*** Opening EXCERPTED DATA ***

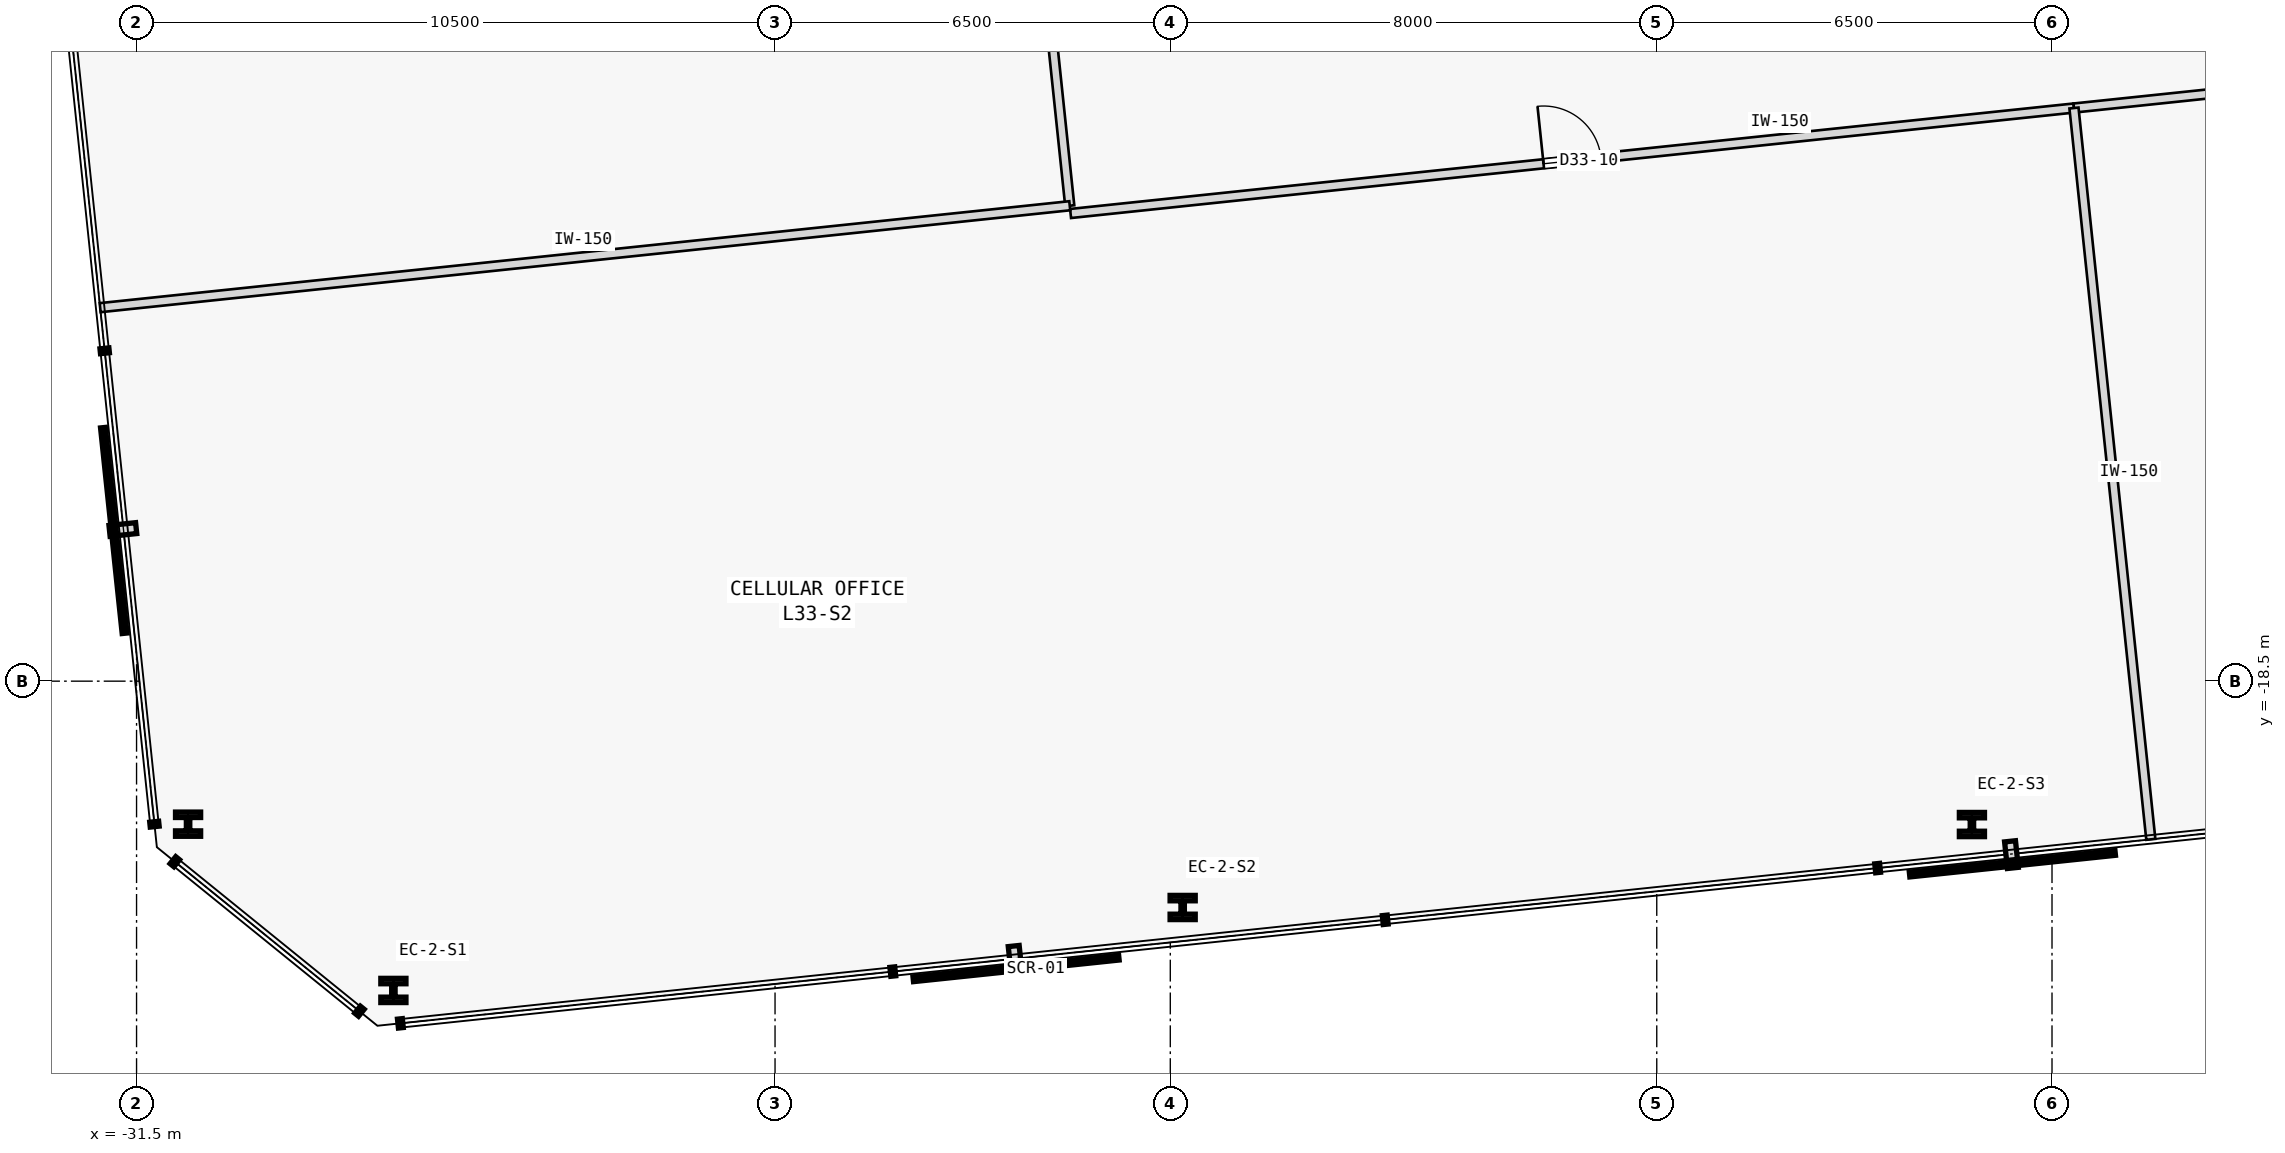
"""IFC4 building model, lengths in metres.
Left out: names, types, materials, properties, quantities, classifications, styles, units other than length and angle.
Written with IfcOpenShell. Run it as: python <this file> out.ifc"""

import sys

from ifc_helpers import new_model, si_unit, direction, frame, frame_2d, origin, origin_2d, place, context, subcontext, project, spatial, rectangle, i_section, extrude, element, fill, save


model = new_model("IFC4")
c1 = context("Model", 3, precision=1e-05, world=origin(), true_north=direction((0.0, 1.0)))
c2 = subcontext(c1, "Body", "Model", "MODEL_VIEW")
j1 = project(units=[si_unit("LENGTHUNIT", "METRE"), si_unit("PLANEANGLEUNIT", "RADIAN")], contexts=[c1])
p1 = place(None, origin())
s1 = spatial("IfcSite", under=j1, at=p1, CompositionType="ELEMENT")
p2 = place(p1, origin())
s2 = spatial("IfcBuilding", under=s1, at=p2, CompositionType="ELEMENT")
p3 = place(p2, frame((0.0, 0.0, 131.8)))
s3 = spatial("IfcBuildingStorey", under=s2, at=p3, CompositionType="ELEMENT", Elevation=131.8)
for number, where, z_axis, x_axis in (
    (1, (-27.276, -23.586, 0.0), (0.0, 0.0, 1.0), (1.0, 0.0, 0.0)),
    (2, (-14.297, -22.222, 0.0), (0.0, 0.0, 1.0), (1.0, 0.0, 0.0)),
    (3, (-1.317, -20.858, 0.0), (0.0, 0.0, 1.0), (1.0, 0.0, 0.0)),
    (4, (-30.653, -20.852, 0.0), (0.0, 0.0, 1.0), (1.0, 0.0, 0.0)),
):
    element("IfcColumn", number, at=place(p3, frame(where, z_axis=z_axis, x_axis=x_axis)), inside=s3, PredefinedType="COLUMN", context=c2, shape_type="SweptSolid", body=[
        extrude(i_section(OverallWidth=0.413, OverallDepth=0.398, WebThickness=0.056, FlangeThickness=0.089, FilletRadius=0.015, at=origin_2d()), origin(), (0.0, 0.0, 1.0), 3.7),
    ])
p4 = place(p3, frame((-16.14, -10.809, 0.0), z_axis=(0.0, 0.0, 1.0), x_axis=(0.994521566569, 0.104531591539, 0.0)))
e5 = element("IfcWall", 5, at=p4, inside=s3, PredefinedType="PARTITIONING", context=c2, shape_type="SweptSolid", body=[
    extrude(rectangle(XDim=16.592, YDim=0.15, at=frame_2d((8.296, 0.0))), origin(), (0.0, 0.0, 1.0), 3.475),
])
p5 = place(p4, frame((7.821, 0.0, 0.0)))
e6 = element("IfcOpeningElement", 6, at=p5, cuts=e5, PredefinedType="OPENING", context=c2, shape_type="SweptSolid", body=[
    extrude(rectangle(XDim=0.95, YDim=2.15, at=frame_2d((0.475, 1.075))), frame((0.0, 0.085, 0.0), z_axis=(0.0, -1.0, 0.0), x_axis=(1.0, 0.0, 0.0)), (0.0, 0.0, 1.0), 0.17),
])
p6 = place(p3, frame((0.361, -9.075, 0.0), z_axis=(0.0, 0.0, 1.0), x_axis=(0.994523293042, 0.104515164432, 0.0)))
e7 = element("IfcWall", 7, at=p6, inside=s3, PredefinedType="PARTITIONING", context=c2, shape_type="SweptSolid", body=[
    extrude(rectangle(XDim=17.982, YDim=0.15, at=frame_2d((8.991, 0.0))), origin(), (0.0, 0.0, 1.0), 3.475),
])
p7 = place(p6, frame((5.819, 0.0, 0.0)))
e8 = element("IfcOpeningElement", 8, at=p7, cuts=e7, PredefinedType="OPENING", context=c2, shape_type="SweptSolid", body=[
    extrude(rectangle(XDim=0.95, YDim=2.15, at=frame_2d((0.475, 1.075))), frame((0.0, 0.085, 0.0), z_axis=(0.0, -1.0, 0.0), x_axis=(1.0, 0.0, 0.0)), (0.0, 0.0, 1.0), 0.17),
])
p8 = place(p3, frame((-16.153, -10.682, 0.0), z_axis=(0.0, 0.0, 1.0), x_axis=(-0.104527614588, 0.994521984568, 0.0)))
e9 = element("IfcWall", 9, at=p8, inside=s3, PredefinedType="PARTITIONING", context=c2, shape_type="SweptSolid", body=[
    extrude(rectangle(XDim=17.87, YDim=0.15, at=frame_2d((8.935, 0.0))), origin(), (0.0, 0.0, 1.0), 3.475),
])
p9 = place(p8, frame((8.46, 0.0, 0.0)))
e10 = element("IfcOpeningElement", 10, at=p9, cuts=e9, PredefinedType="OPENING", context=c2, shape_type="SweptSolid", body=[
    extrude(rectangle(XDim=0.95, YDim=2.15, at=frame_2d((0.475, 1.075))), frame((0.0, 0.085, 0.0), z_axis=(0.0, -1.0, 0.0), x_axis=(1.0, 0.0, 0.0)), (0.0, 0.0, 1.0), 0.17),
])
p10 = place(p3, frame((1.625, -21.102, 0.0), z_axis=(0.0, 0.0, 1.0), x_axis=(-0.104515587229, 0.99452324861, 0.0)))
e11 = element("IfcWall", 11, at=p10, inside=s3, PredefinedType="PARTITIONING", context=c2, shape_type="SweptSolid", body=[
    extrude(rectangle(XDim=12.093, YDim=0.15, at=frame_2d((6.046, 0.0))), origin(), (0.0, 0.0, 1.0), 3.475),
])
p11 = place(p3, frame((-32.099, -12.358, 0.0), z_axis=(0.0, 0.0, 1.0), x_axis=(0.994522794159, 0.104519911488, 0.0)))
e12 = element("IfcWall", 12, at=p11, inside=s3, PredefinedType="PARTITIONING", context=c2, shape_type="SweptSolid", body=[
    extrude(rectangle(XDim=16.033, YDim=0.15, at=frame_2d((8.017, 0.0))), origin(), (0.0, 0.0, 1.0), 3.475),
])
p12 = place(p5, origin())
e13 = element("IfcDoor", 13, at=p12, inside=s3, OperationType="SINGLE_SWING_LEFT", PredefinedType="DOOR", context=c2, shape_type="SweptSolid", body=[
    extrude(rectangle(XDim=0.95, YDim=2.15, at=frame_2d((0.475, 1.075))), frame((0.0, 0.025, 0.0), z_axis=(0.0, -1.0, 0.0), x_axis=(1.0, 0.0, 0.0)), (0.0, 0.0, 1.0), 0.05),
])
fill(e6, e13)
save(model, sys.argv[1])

*** Closing EXCERPTED DATA ***

▶ [WHAT TO DO]:
Although the records above contain pictures, your copy should give only their text, exactly as written.

▶ [WRITTEN ANSWER]:
"""IFC4 building model, lengths in metres.
Left out: names, types, materials, properties, quantities, classifications, styles, units other than length and angle.
Written with IfcOpenShell. Run it as: python <this file> out.ifc"""

import sys

from ifc_helpers import new_model, si_unit, direction, frame, frame_2d, origin, origin_2d, place, context, subcontext, project, spatial, rectangle, i_section, extrude, element, fill, save


model = new_model("IFC4")
c1 = context("Model", 3, precision=1e-05, world=origin(), true_north=direction((0.0, 1.0)))
c2 = subcontext(c1, "Body", "Model", "MODEL_VIEW")
j1 = project(units=[si_unit("LENGTHUNIT", "METRE"), si_unit("PLANEANGLEUNIT", "RADIAN")], contexts=[c1])
p1 = place(None, origin())
s1 = spatial("IfcSite", under=j1, at=p1, CompositionType="ELEMENT")
p2 = place(p1, origin())
s2 = spatial("IfcBuilding", under=s1, at=p2, CompositionType="ELEMENT")
p3 = place(p2, frame((0.0, 0.0, 131.8)))
s3 = spatial("IfcBuildingStorey", under=s2, at=p3, CompositionType="ELEMENT", Elevation=131.8)
for number, where, z_axis, x_axis in (
    (1, (-27.276, -23.586, 0.0), (0.0, 0.0, 1.0), (1.0, 0.0, 0.0)),
    (2, (-14.297, -22.222, 0.0), (0.0, 0.0, 1.0), (1.0, 0.0, 0.0)),
    (3, (-1.317, -20.858, 0.0), (0.0, 0.0, 1.0), (1.0, 0.0, 0.0)),
    (4, (-30.653, -20.852, 0.0), (0.0, 0.0, 1.0), (1.0, 0.0, 0.0)),
):
    element("IfcColumn", number, at=place(p3, frame(where, z_axis=z_axis, x_axis=x_axis)), inside=s3, PredefinedType="COLUMN", context=c2, shape_type="SweptSolid", body=[
        extrude(i_section(OverallWidth=0.413, OverallDepth=0.398, WebThickness=0.056, FlangeThickness=0.089, FilletRadius=0.015, at=origin_2d()), origin(), (0.0, 0.0, 1.0), 3.7),
    ])
p4 = place(p3, frame((-16.14, -10.809, 0.0), z_axis=(0.0, 0.0, 1.0), x_axis=(0.994521566569, 0.104531591539, 0.0)))
e5 = element("IfcWall", 5, at=p4, inside=s3, PredefinedType="PARTITIONING", context=c2, shape_type="SweptSolid", body=[
    extrude(rectangle(XDim=16.592, YDim=0.15, at=frame_2d((8.296, 0.0))), origin(), (0.0, 0.0, 1.0), 3.475),
])
p5 = place(p4, frame((7.821, 0.0, 0.0)))
e6 = element("IfcOpeningElement", 6, at=p5, cuts=e5, PredefinedType="OPENING", context=c2, shape_type="SweptSolid", body=[
    extrude(rectangle(XDim=0.95, YDim=2.15, at=frame_2d((0.475, 1.075))), frame((0.0, 0.085, 0.0), z_axis=(0.0, -1.0, 0.0), x_axis=(1.0, 0.0, 0.0)), (0.0, 0.0, 1.0), 0.17),
])
p6 = place(p3, frame((0.361, -9.075, 0.0), z_axis=(0.0, 0.0, 1.0), x_axis=(0.994523293042, 0.104515164432, 0.0)))
e7 = element("IfcWall", 7, at=p6, inside=s3, PredefinedType="PARTITIONING", context=c2, shape_type="SweptSolid", body=[
    extrude(rectangle(XDim=17.982, YDim=0.15, at=frame_2d((8.991, 0.0))), origin(), (0.0, 0.0, 1.0), 3.475),
])
p7 = place(p6, frame((5.819, 0.0, 0.0)))
e8 = element("IfcOpeningElement", 8, at=p7, cuts=e7, PredefinedType="OPENING", context=c2, shape_type="SweptSolid", body=[
    extrude(rectangle(XDim=0.95, YDim=2.15, at=frame_2d((0.475, 1.075))), frame((0.0, 0.085, 0.0), z_axis=(0.0, -1.0, 0.0), x_axis=(1.0, 0.0, 0.0)), (0.0, 0.0, 1.0), 0.17),
])
p8 = place(p3, frame((-16.153, -10.682, 0.0), z_axis=(0.0, 0.0, 1.0), x_axis=(-0.104527614588, 0.994521984568, 0.0)))
e9 = element("IfcWall", 9, at=p8, inside=s3, PredefinedType="PARTITIONING", context=c2, shape_type="SweptSolid", body=[
    extrude(rectangle(XDim=17.87, YDim=0.15, at=frame_2d((8.935, 0.0))), origin(), (0.0, 0.0, 1.0), 3.475),
])
p9 = place(p8, frame((8.46, 0.0, 0.0)))
e10 = element("IfcOpeningElement", 10, at=p9, cuts=e9, PredefinedType="OPENING", context=c2, shape_type="SweptSolid", body=[
    extrude(rectangle(XDim=0.95, YDim=2.15, at=frame_2d((0.475, 1.075))), frame((0.0, 0.085, 0.0), z_axis=(0.0, -1.0, 0.0), x_axis=(1.0, 0.0, 0.0)), (0.0, 0.0, 1.0), 0.17),
])
p10 = place(p3, frame((1.625, -21.102, 0.0), z_axis=(0.0, 0.0, 1.0), x_axis=(-0.104515587229, 0.99452324861, 0.0)))
e11 = element("IfcWall", 11, at=p10, inside=s3, PredefinedType="PARTITIONING", context=c2, shape_type="SweptSolid", body=[
    extrude(rectangle(XDim=12.093, YDim=0.15, at=frame_2d((6.046, 0.0))), origin(), (0.0, 0.0, 1.0), 3.475),
])
p11 = place(p3, frame((-32.099, -12.358, 0.0), z_axis=(0.0, 0.0, 1.0), x_axis=(0.994522794159, 0.104519911488, 0.0)))
e12 = element("IfcWall", 12, at=p11, inside=s3, PredefinedType="PARTITIONING", context=c2, shape_type="SweptSolid", body=[
    extrude(rectangle(XDim=16.033, YDim=0.15, at=frame_2d((8.017, 0.0))), origin(), (0.0, 0.0, 1.0), 3.475),
])
p12 = place(p5, origin())
e13 = element("IfcDoor", 13, at=p12, inside=s3, OperationType="SINGLE_SWING_LEFT", PredefinedType="DOOR", context=c2, shape_type="SweptSolid", body=[
    extrude(rectangle(XDim=0.95, YDim=2.15, at=frame_2d((0.475, 1.075))), frame((0.0, 0.025, 0.0), z_axis=(0.0, -1.0, 0.0), x_axis=(1.0, 0.0, 0.0)), (0.0, 0.0, 1.0), 0.05),
])
fill(e6, e13)
save(model, sys.argv[1])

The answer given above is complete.